■ **TASK STATEMENT**
Check each line of the material below for the string "under" and reply with how many have it, nothing more.

● ● ●

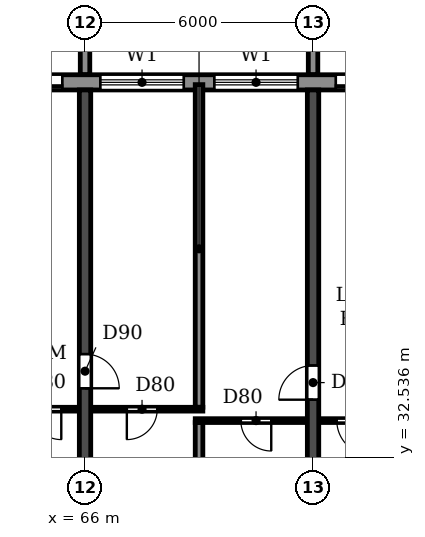
"""IFC4 building model, lengths in metres.
Left out: names, types, materials, properties, quantities, classifications, styles, units other than length and angle.
Written with IfcOpenShell. Run it as: python <this file> out.ifc"""

import sys

from ifc_helpers import new_model, si_unit, direction, frame, frame_2d, origin, place, context, subcontext, project, spatial, polyline, rectangle, outline, extrude, source, transform, mapped, element, fill, save


model = new_model("IFC4")
c1 = context("Model", 3, precision=1e-05, world=origin(), true_north=direction((0.0, 1.0)))
c2 = subcontext(c1, "Body", "Model", "MODEL_VIEW")
j1 = project(units=[si_unit("LENGTHUNIT", "METRE"), si_unit("PLANEANGLEUNIT", "RADIAN")], contexts=[c1])
p1 = place(None, origin())
s1 = spatial("IfcSite", under=j1, at=p1, CompositionType="ELEMENT")
p2 = place(p1, origin())
s2 = spatial("IfcBuilding", under=s1, at=p2, CompositionType="ELEMENT")
p3 = place(p2, frame((0.0, 0.0, 152.1)))
s3 = spatial("IfcBuildingStorey", under=s2, at=p3, CompositionType="ELEMENT", Elevation=152.1)
p4 = place(p3, frame((66.0, 30.525, 0.0), z_axis=(0.0, 0.0, 1.0), x_axis=(0.0, 1.0, 0.0)))
e1 = element("IfcWall", 1, at=p4, inside=s3, PredefinedType="SHEAR", context=c2, shape_type="SweptSolid", body=[
    extrude(rectangle(XDim=11.675, YDim=0.3, at=frame_2d((5.837, 0.0))), origin(), (0.0, 0.0, 1.0), 3.07),
])
p5 = place(p4, frame((3.825, 0.0, 0.0)))
e2 = element("IfcOpeningElement", 2, at=p5, cuts=e1, PredefinedType="OPENING", context=c2, shape_type="SweptSolid", body=[
    extrude(rectangle(XDim=0.9, YDim=2.1, at=frame_2d((0.45, 1.05))), frame((0.0, 0.16, 0.0), z_axis=(0.0, -1.0, 0.0), x_axis=(1.0, 0.0, 0.0)), (0.0, 0.0, 1.0), 0.32),
])
p6 = place(p3, frame((72.0, 30.525, 0.0), z_axis=(0.0, 0.0, 1.0), x_axis=(0.0, 1.0, 0.0)))
e3 = element("IfcWall", 3, at=p6, inside=s3, PredefinedType="SHEAR", context=c2, shape_type="SweptSolid", body=[
    extrude(rectangle(XDim=11.675, YDim=0.3, at=frame_2d((5.837, 0.0))), origin(), (0.0, 0.0, 1.0), 3.07),
])
p7 = place(p6, frame((3.525, 0.0, 0.0)))
e4 = element("IfcOpeningElement", 4, at=p7, cuts=e3, PredefinedType="OPENING", context=c2, shape_type="SweptSolid", body=[
    extrude(rectangle(XDim=0.9, YDim=2.1, at=frame_2d((0.45, 1.05))), frame((0.0, 0.16, 0.0), z_axis=(0.0, -1.0, 0.0), x_axis=(1.0, 0.0, 0.0)), (0.0, 0.0, 1.0), 0.32),
])
p8 = place(p3, frame((85.317, 42.4, 0.0), z_axis=(0.0, 0.0, 1.0), x_axis=(-1.0, 0.0, 0.0)))
e5 = element("IfcWall", 5, at=p8, inside=s3, PredefinedType="STANDARD", context=c2, shape_type="SweptSolid", body=[
    extrude(rectangle(XDim=68.634, YDim=0.4, at=frame_2d((34.317, 0.0))), origin(), (0.0, 0.0, 1.0), 3.07),
])
p9 = place(p8, frame((64.917, 0.0, 0.0)))
e6 = element("IfcOpeningElement", 6, at=p9, cuts=e5, PredefinedType="OPENING", context=c2, shape_type="SweptSolid", body=[
    extrude(rectangle(XDim=1.8, YDim=2.4, at=frame_2d((0.9, 1.2))), frame((0.0, 0.21, 0.0), z_axis=(0.0, -1.0, 0.0), x_axis=(1.0, 0.0, 0.0)), (0.0, 0.0, 1.0), 0.42),
])
p10 = place(p8, frame((61.717, 0.0, 0.9)))
e7 = element("IfcOpeningElement", 7, at=p10, cuts=e5, PredefinedType="OPENING", context=c2, shape_type="SweptSolid", body=[
    extrude(rectangle(XDim=2.2, YDim=1.5, at=frame_2d((1.1, 0.75))), frame((0.0, 0.21, 0.0), z_axis=(0.0, -1.0, 0.0), x_axis=(1.0, 0.0, 0.0)), (0.0, 0.0, 1.0), 0.42),
])
p11 = place(p8, frame((58.717, 0.0, 0.9)))
e8 = element("IfcOpeningElement", 8, at=p11, cuts=e5, PredefinedType="OPENING", context=c2, shape_type="SweptSolid", body=[
    extrude(rectangle(XDim=2.2, YDim=1.5, at=frame_2d((1.1, 0.75))), frame((0.0, 0.21, 0.0), z_axis=(0.0, -1.0, 0.0), x_axis=(1.0, 0.0, 0.0)), (0.0, 0.0, 1.0), 0.42),
])
p12 = place(p8, frame((55.917, 0.0, 0.0)))
e9 = element("IfcOpeningElement", 9, at=p12, cuts=e5, PredefinedType="OPENING", context=c2, shape_type="SweptSolid", body=[
    extrude(rectangle(XDim=1.8, YDim=2.4, at=frame_2d((0.9, 1.2))), frame((0.0, 0.21, 0.0), z_axis=(0.0, -1.0, 0.0), x_axis=(1.0, 0.0, 0.0)), (0.0, 0.0, 1.0), 0.42),
])
p13 = place(p8, frame((52.917, 0.0, 0.0)))
e10 = element("IfcOpeningElement", 10, at=p13, cuts=e5, PredefinedType="OPENING", context=c2, shape_type="SweptSolid", body=[
    extrude(rectangle(XDim=1.8, YDim=2.4, at=frame_2d((0.9, 1.2))), frame((0.0, 0.21, 0.0), z_axis=(0.0, -1.0, 0.0), x_axis=(1.0, 0.0, 0.0)), (0.0, 0.0, 1.0), 0.42),
])
p14 = place(p8, frame((49.717, 0.0, 0.9)))
e11 = element("IfcOpeningElement", 11, at=p14, cuts=e5, PredefinedType="OPENING", context=c2, shape_type="SweptSolid", body=[
    extrude(rectangle(XDim=2.2, YDim=1.5, at=frame_2d((1.1, 0.75))), frame((0.0, 0.21, 0.0), z_axis=(0.0, -1.0, 0.0), x_axis=(1.0, 0.0, 0.0)), (0.0, 0.0, 1.0), 0.42),
])
p15 = place(p8, frame((46.717, 0.0, 0.9)))
e12 = element("IfcOpeningElement", 12, at=p15, cuts=e5, PredefinedType="OPENING", context=c2, shape_type="SweptSolid", body=[
    extrude(rectangle(XDim=2.2, YDim=1.5, at=frame_2d((1.1, 0.75))), frame((0.0, 0.21, 0.0), z_axis=(0.0, -1.0, 0.0), x_axis=(1.0, 0.0, 0.0)), (0.0, 0.0, 1.0), 0.42),
])
p16 = place(p8, frame((43.717, 0.0, 0.9)))
e13 = element("IfcOpeningElement", 13, at=p16, cuts=e5, PredefinedType="OPENING", context=c2, shape_type="SweptSolid", body=[
    extrude(rectangle(XDim=2.2, YDim=1.5, at=frame_2d((1.1, 0.75))), frame((0.0, 0.21, 0.0), z_axis=(0.0, -1.0, 0.0), x_axis=(1.0, 0.0, 0.0)), (0.0, 0.0, 1.0), 0.42),
])
p17 = place(p8, frame((40.917, 0.0, 0.0)))
e14 = element("IfcOpeningElement", 14, at=p17, cuts=e5, PredefinedType="OPENING", context=c2, shape_type="SweptSolid", body=[
    extrude(rectangle(XDim=1.8, YDim=2.4, at=frame_2d((0.9, 1.2))), frame((0.0, 0.21, 0.0), z_axis=(0.0, -1.0, 0.0), x_axis=(1.0, 0.0, 0.0)), (0.0, 0.0, 1.0), 0.42),
])
p18 = place(p8, frame((37.717, 0.0, 0.9)))
e15 = element("IfcOpeningElement", 15, at=p18, cuts=e5, PredefinedType="OPENING", context=c2, shape_type="SweptSolid", body=[
    extrude(rectangle(XDim=2.2, YDim=1.5, at=frame_2d((1.1, 0.75))), frame((0.0, 0.21, 0.0), z_axis=(0.0, -1.0, 0.0), x_axis=(1.0, 0.0, 0.0)), (0.0, 0.0, 1.0), 0.42),
])
p19 = place(p8, frame((34.917, 0.0, 0.0)))
e16 = element("IfcOpeningElement", 16, at=p19, cuts=e5, PredefinedType="OPENING", context=c2, shape_type="SweptSolid", body=[
    extrude(rectangle(XDim=1.8, YDim=2.4, at=frame_2d((0.9, 1.2))), frame((0.0, 0.21, 0.0), z_axis=(0.0, -1.0, 0.0), x_axis=(1.0, 0.0, 0.0)), (0.0, 0.0, 1.0), 0.42),
])
p20 = place(p8, frame((31.717, 0.0, 0.9)))
e17 = element("IfcOpeningElement", 17, at=p20, cuts=e5, PredefinedType="OPENING", context=c2, shape_type="SweptSolid", body=[
    extrude(rectangle(XDim=2.2, YDim=1.5, at=frame_2d((1.1, 0.75))), frame((0.0, 0.21, 0.0), z_axis=(0.0, -1.0, 0.0), x_axis=(1.0, 0.0, 0.0)), (0.0, 0.0, 1.0), 0.42),
])
p21 = place(p8, frame((28.717, 0.0, 0.9)))
e18 = element("IfcOpeningElement", 18, at=p21, cuts=e5, PredefinedType="OPENING", context=c2, shape_type="SweptSolid", body=[
    extrude(rectangle(XDim=2.2, YDim=1.5, at=frame_2d((1.1, 0.75))), frame((0.0, 0.21, 0.0), z_axis=(0.0, -1.0, 0.0), x_axis=(1.0, 0.0, 0.0)), (0.0, 0.0, 1.0), 0.42),
])
p22 = place(p8, frame((25.717, 0.0, 0.9)))
e19 = element("IfcOpeningElement", 19, at=p22, cuts=e5, PredefinedType="OPENING", context=c2, shape_type="SweptSolid", body=[
    extrude(rectangle(XDim=2.2, YDim=1.5, at=frame_2d((1.1, 0.75))), frame((0.0, 0.21, 0.0), z_axis=(0.0, -1.0, 0.0), x_axis=(1.0, 0.0, 0.0)), (0.0, 0.0, 1.0), 0.42),
])
p23 = place(p8, frame((22.717, 0.0, 0.9)))
e20 = element("IfcOpeningElement", 20, at=p23, cuts=e5, PredefinedType="OPENING", context=c2, shape_type="SweptSolid", body=[
    extrude(rectangle(XDim=2.2, YDim=1.5, at=frame_2d((1.1, 0.75))), frame((0.0, 0.21, 0.0), z_axis=(0.0, -1.0, 0.0), x_axis=(1.0, 0.0, 0.0)), (0.0, 0.0, 1.0), 0.42),
])
p24 = place(p8, frame((19.917, 0.0, 0.0)))
e21 = element("IfcOpeningElement", 21, at=p24, cuts=e5, PredefinedType="OPENING", context=c2, shape_type="SweptSolid", body=[
    extrude(rectangle(XDim=1.8, YDim=2.4, at=frame_2d((0.9, 1.2))), frame((0.0, 0.21, 0.0), z_axis=(0.0, -1.0, 0.0), x_axis=(1.0, 0.0, 0.0)), (0.0, 0.0, 1.0), 0.42),
])
p25 = place(p8, frame((16.717, 0.0, 0.9)))
e22 = element("IfcOpeningElement", 22, at=p25, cuts=e5, PredefinedType="OPENING", context=c2, shape_type="SweptSolid", body=[
    extrude(rectangle(XDim=2.2, YDim=1.5, at=frame_2d((1.1, 0.75))), frame((0.0, 0.21, 0.0), z_axis=(0.0, -1.0, 0.0), x_axis=(1.0, 0.0, 0.0)), (0.0, 0.0, 1.0), 0.42),
])
p26 = place(p8, frame((13.717, 0.0, 0.9)))
e23 = element("IfcOpeningElement", 23, at=p26, cuts=e5, PredefinedType="OPENING", context=c2, shape_type="SweptSolid", body=[
    extrude(rectangle(XDim=2.2, YDim=1.5, at=frame_2d((1.1, 0.75))), frame((0.0, 0.21, 0.0), z_axis=(0.0, -1.0, 0.0), x_axis=(1.0, 0.0, 0.0)), (0.0, 0.0, 1.0), 0.42),
])
p27 = place(p8, frame((10.917, 0.0, 0.0)))
e24 = element("IfcOpeningElement", 24, at=p27, cuts=e5, PredefinedType="OPENING", context=c2, shape_type="SweptSolid", body=[
    extrude(rectangle(XDim=1.8, YDim=2.4, at=frame_2d((0.9, 1.2))), frame((0.0, 0.21, 0.0), z_axis=(0.0, -1.0, 0.0), x_axis=(1.0, 0.0, 0.0)), (0.0, 0.0, 1.0), 0.42),
])
p28 = place(p8, frame((7.717, 0.0, 0.9)))
e25 = element("IfcOpeningElement", 25, at=p28, cuts=e5, PredefinedType="OPENING", context=c2, shape_type="SweptSolid", body=[
    extrude(rectangle(XDim=2.2, YDim=1.5, at=frame_2d((1.1, 0.75))), frame((0.0, 0.21, 0.0), z_axis=(0.0, -1.0, 0.0), x_axis=(1.0, 0.0, 0.0)), (0.0, 0.0, 1.0), 0.42),
])
p29 = place(p8, frame((4.717, 0.0, 0.9)))
e26 = element("IfcOpeningElement", 26, at=p29, cuts=e5, PredefinedType="OPENING", context=c2, shape_type="SweptSolid", body=[
    extrude(rectangle(XDim=2.2, YDim=1.5, at=frame_2d((1.1, 0.75))), frame((0.0, 0.21, 0.0), z_axis=(0.0, -1.0, 0.0), x_axis=(1.0, 0.0, 0.0)), (0.0, 0.0, 1.0), 0.42),
])
p30 = place(p8, frame((1.917, 0.0, 0.0)))
e27 = element("IfcOpeningElement", 27, at=p30, cuts=e5, PredefinedType="OPENING", context=c2, shape_type="SweptSolid", body=[
    extrude(rectangle(XDim=1.8, YDim=2.4, at=frame_2d((0.9, 1.2))), frame((0.0, 0.21, 0.0), z_axis=(0.0, -1.0, 0.0), x_axis=(1.0, 0.0, 0.0)), (0.0, 0.0, 1.0), 0.42),
])
m1 = source(origin(), c2, "Body", "SweptSolid", [
    extrude(outline(polyline([(0.0, 0.0), (0.25, 0.0), (0.25, 3.1), (0.0, 3.1), (0.0, 0.0)])), origin(), (0.0, 0.0, 1.0), 3.1),
])
for number, where in (
    (28, (65.875, 42.6, 0.0)),
    (29, (71.875, 42.6, 0.0)),
):
    element("IfcWall", number, at=place(p3, frame(where)), inside=s3, PredefinedType="STANDARD", context=c2, shape_type="MappedRepresentation", body=[
        mapped(m1, transform((0.0, 0.0, 0.0))),
    ])
p31 = place(p3, frame((69.0, 30.535, 0.0), z_axis=(0.0, 0.0, 1.0), x_axis=(0.0, 1.0, 0.0)))
e30 = element("IfcWall", 30, at=p31, inside=s3, PredefinedType="PARTITIONING", context=c2, shape_type="SweptSolid", body=[
    extrude(rectangle(XDim=2.915, YDim=0.2, at=frame_2d((1.458, 0.0))), origin(), (0.0, 0.0, 1.0), 3.07),
])
p32 = place(p3, frame((69.0, 33.85, 0.0), z_axis=(0.0, 0.0, 1.0), x_axis=(0.0, 1.0, 0.0)))
e31 = element("IfcWall", 31, at=p32, inside=s3, PredefinedType="PARTITIONING", context=c2, shape_type="SweptSolid", body=[
    extrude(rectangle(XDim=8.49, YDim=0.2, at=frame_2d((4.245, 0.0))), origin(), (0.0, 0.0, 1.0), 3.07),
])
p33 = place(p3, frame((68.9, 33.5, 0.0), z_axis=(0.0, 0.0, 1.0), x_axis=(1.0, 0.0, 0.0)))
e32 = element("IfcWall", 32, at=p33, inside=s3, PredefinedType="PARTITIONING", context=c2, shape_type="SweptSolid", body=[
    extrude(rectangle(XDim=2.94, YDim=0.1, at=frame_2d((1.47, 0.0))), origin(), (0.0, 0.0, 1.0), 3.07),
])
p34 = place(p33, frame((1.2, 0.0, 0.0)))
e33 = element("IfcOpeningElement", 33, at=p34, cuts=e32, PredefinedType="OPENING", context=c2, shape_type="SweptSolid", body=[
    extrude(rectangle(XDim=0.8, YDim=2.1, at=frame_2d((0.4, 1.05))), frame((0.0, 0.06, 0.0), z_axis=(0.0, -1.0, 0.0), x_axis=(1.0, 0.0, 0.0)), (0.0, 0.0, 1.0), 0.12),
])
p35 = place(p3, frame((72.16, 33.5, 0.0), z_axis=(0.0, 0.0, 1.0), x_axis=(1.0, 0.0, 0.0)))
e34 = element("IfcWall", 34, at=p35, inside=s3, PredefinedType="PARTITIONING", context=c2, shape_type="SweptSolid", body=[
    extrude(rectangle(XDim=2.04, YDim=0.1, at=frame_2d((1.02, 0.0))), origin(), (0.0, 0.0, 1.0), 3.07),
])
p36 = place(p35, frame((0.465, 0.0, 0.0)))
e35 = element("IfcOpeningElement", 35, at=p36, cuts=e34, PredefinedType="OPENING", context=c2, shape_type="SweptSolid", body=[
    extrude(rectangle(XDim=0.9, YDim=2.1, at=frame_2d((0.45, 1.05))), frame((0.0, 0.06, 0.0), z_axis=(0.0, -1.0, 0.0), x_axis=(1.0, 0.0, 0.0)), (0.0, 0.0, 1.0), 0.12),
])
p37 = place(p3, frame((63.9, 33.8, 0.0), z_axis=(0.0, 0.0, 1.0), x_axis=(1.0, 0.0, 0.0)))
e36 = element("IfcWall", 36, at=p37, inside=s3, PredefinedType="PARTITIONING", context=c2, shape_type="SweptSolid", body=[
    extrude(rectangle(XDim=1.94, YDim=0.1, at=frame_2d((0.97, 0.0))), origin(), (0.0, 0.0, 1.0), 3.07),
])
p38 = place(p37, frame((0.675, 0.0, 0.0)))
e37 = element("IfcOpeningElement", 37, at=p38, cuts=e36, PredefinedType="OPENING", context=c2, shape_type="SweptSolid", body=[
    extrude(rectangle(XDim=0.8, YDim=2.1, at=frame_2d((0.4, 1.05))), frame((0.0, 0.06, 0.0), z_axis=(0.0, -1.0, 0.0), x_axis=(1.0, 0.0, 0.0)), (0.0, 0.0, 1.0), 0.12),
])
p39 = place(p3, frame((66.16, 33.8, 0.0), z_axis=(0.0, 0.0, 1.0), x_axis=(1.0, 0.0, 0.0)))
e38 = element("IfcWall", 38, at=p39, inside=s3, PredefinedType="PARTITIONING", context=c2, shape_type="SweptSolid", body=[
    extrude(rectangle(XDim=2.94, YDim=0.1, at=frame_2d((1.47, 0.0))), origin(), (0.0, 0.0, 1.0), 3.07),
])
p40 = place(p39, frame((0.94, 0.0, 0.0)))
e39 = element("IfcOpeningElement", 39, at=p40, cuts=e38, PredefinedType="OPENING", context=c2, shape_type="SweptSolid", body=[
    extrude(rectangle(XDim=0.8, YDim=2.1, at=frame_2d((0.4, 1.05))), frame((0.0, 0.06, 0.0), z_axis=(0.0, -1.0, 0.0), x_axis=(1.0, 0.0, 0.0)), (0.0, 0.0, 1.0), 0.12),
])
p41 = place(p24, origin())
e40 = element("IfcDoor", 40, at=p41, inside=s3, OperationType="DOUBLE_DOOR_SLIDING", PredefinedType="DOOR", context=c2, shape_type="SweptSolid", body=[
    extrude(rectangle(XDim=1.8, YDim=2.4, at=frame_2d((0.9, 1.2))), frame((0.0, 0.025, 0.0), z_axis=(0.0, -1.0, 0.0), x_axis=(1.0, 0.0, 0.0)), (0.0, 0.0, 1.0), 0.05),
])
fill(e21, e40)
p42 = place(p25, origin())
e41 = element("IfcWindow", 41, at=p42, inside=s3, PartitioningType="DOUBLE_PANEL_HORIZONTAL", PredefinedType="WINDOW", context=c2, shape_type="SweptSolid", body=[
    extrude(rectangle(XDim=2.2, YDim=1.5, at=frame_2d((1.1, 0.75))), frame((0.0, 0.03, 0.0), z_axis=(0.0, -1.0, 0.0), x_axis=(1.0, 0.0, 0.0)), (0.0, 0.0, 1.0), 0.06),
])
fill(e22, e41)
p43 = place(p26, origin())
e42 = element("IfcWindow", 42, at=p43, inside=s3, PartitioningType="DOUBLE_PANEL_HORIZONTAL", PredefinedType="WINDOW", context=c2, shape_type="SweptSolid", body=[
    extrude(rectangle(XDim=2.2, YDim=1.5, at=frame_2d((1.1, 0.75))), frame((0.0, 0.03, 0.0), z_axis=(0.0, -1.0, 0.0), x_axis=(1.0, 0.0, 0.0)), (0.0, 0.0, 1.0), 0.06),
])
fill(e23, e42)
p44 = place(p27, origin())
e43 = element("IfcDoor", 43, at=p44, inside=s3, OperationType="DOUBLE_DOOR_SLIDING", PredefinedType="DOOR", context=c2, shape_type="SweptSolid", body=[
    extrude(rectangle(XDim=1.8, YDim=2.4, at=frame_2d((0.9, 1.2))), frame((0.0, 0.025, 0.0), z_axis=(0.0, -1.0, 0.0), x_axis=(1.0, 0.0, 0.0)), (0.0, 0.0, 1.0), 0.05),
])
fill(e24, e43)
p45 = place(p40, frame((0.8, 0.0, 0.0), z_axis=(0.0, 0.0, 1.0), x_axis=(-1.0, 0.0, 0.0)))
e44 = element("IfcDoor", 44, at=p45, inside=s3, OperationType="SINGLE_SWING_RIGHT", PredefinedType="DOOR", context=c2, shape_type="SweptSolid", body=[
    extrude(rectangle(XDim=0.8, YDim=2.1, at=frame_2d((0.4, 1.05))), frame((0.0, 0.025, 0.0), z_axis=(0.0, -1.0, 0.0), x_axis=(1.0, 0.0, 0.0)), (0.0, 0.0, 1.0), 0.05),
])
fill(e39, e44)
p46 = place(p38, frame((0.8, 0.0, 0.0), z_axis=(0.0, 0.0, 1.0), x_axis=(-1.0, 0.0, 0.0)))
e45 = element("IfcDoor", 45, at=p46, inside=s3, OperationType="SINGLE_SWING_LEFT", PredefinedType="DOOR", context=c2, shape_type="SweptSolid", body=[
    extrude(rectangle(XDim=0.8, YDim=2.1, at=frame_2d((0.4, 1.05))), frame((0.0, 0.025, 0.0), z_axis=(0.0, -1.0, 0.0), x_axis=(1.0, 0.0, 0.0)), (0.0, 0.0, 1.0), 0.05),
])
fill(e37, e45)
p47 = place(p5, frame((0.9, 0.0, 0.0), z_axis=(0.0, 0.0, 1.0), x_axis=(-1.0, 0.0, 0.0)))
e46 = element("IfcDoor", 46, at=p47, inside=s3, OperationType="SINGLE_SWING_RIGHT", PredefinedType="DOOR", context=c2, shape_type="SweptSolid", body=[
    extrude(rectangle(XDim=0.9, YDim=2.1, at=frame_2d((0.45, 1.05))), frame((0.0, 0.025, 0.0), z_axis=(0.0, -1.0, 0.0), x_axis=(1.0, 0.0, 0.0)), (0.0, 0.0, 1.0), 0.05),
])
fill(e2, e46)
p48 = place(p34, frame((0.8, 0.0, 0.0), z_axis=(0.0, 0.0, 1.0), x_axis=(-1.0, 0.0, 0.0)))
e47 = element("IfcDoor", 47, at=p48, inside=s3, OperationType="SINGLE_SWING_LEFT", PredefinedType="DOOR", context=c2, shape_type="SweptSolid", body=[
    extrude(rectangle(XDim=0.8, YDim=2.1, at=frame_2d((0.4, 1.05))), frame((0.0, 0.025, 0.0), z_axis=(0.0, -1.0, 0.0), x_axis=(1.0, 0.0, 0.0)), (0.0, 0.0, 1.0), 0.05),
])
fill(e33, e47)
p49 = place(p7, origin())
e48 = element("IfcDoor", 48, at=p49, inside=s3, OperationType="SINGLE_SWING_LEFT", PredefinedType="DOOR", context=c2, shape_type="SweptSolid", body=[
    extrude(rectangle(XDim=0.9, YDim=2.1, at=frame_2d((0.45, 1.05))), frame((0.0, 0.025, 0.0), z_axis=(0.0, -1.0, 0.0), x_axis=(1.0, 0.0, 0.0)), (0.0, 0.0, 1.0), 0.05),
])
fill(e4, e48)
p50 = place(p36, frame((0.9, 0.0, 0.0), z_axis=(0.0, 0.0, 1.0), x_axis=(-1.0, 0.0, 0.0)))
e49 = element("IfcDoor", 49, at=p50, inside=s3, OperationType="SINGLE_SWING_LEFT", PredefinedType="DOOR", context=c2, shape_type="SweptSolid", body=[
    extrude(rectangle(XDim=0.9, YDim=2.1, at=frame_2d((0.45, 1.05))), frame((0.0, 0.025, 0.0), z_axis=(0.0, -1.0, 0.0), x_axis=(1.0, 0.0, 0.0)), (0.0, 0.0, 1.0), 0.05),
])
fill(e35, e49)
save(model, sys.argv[1])

● ● ●

■ **SOLUTION FOR THIS PROBLEM**
3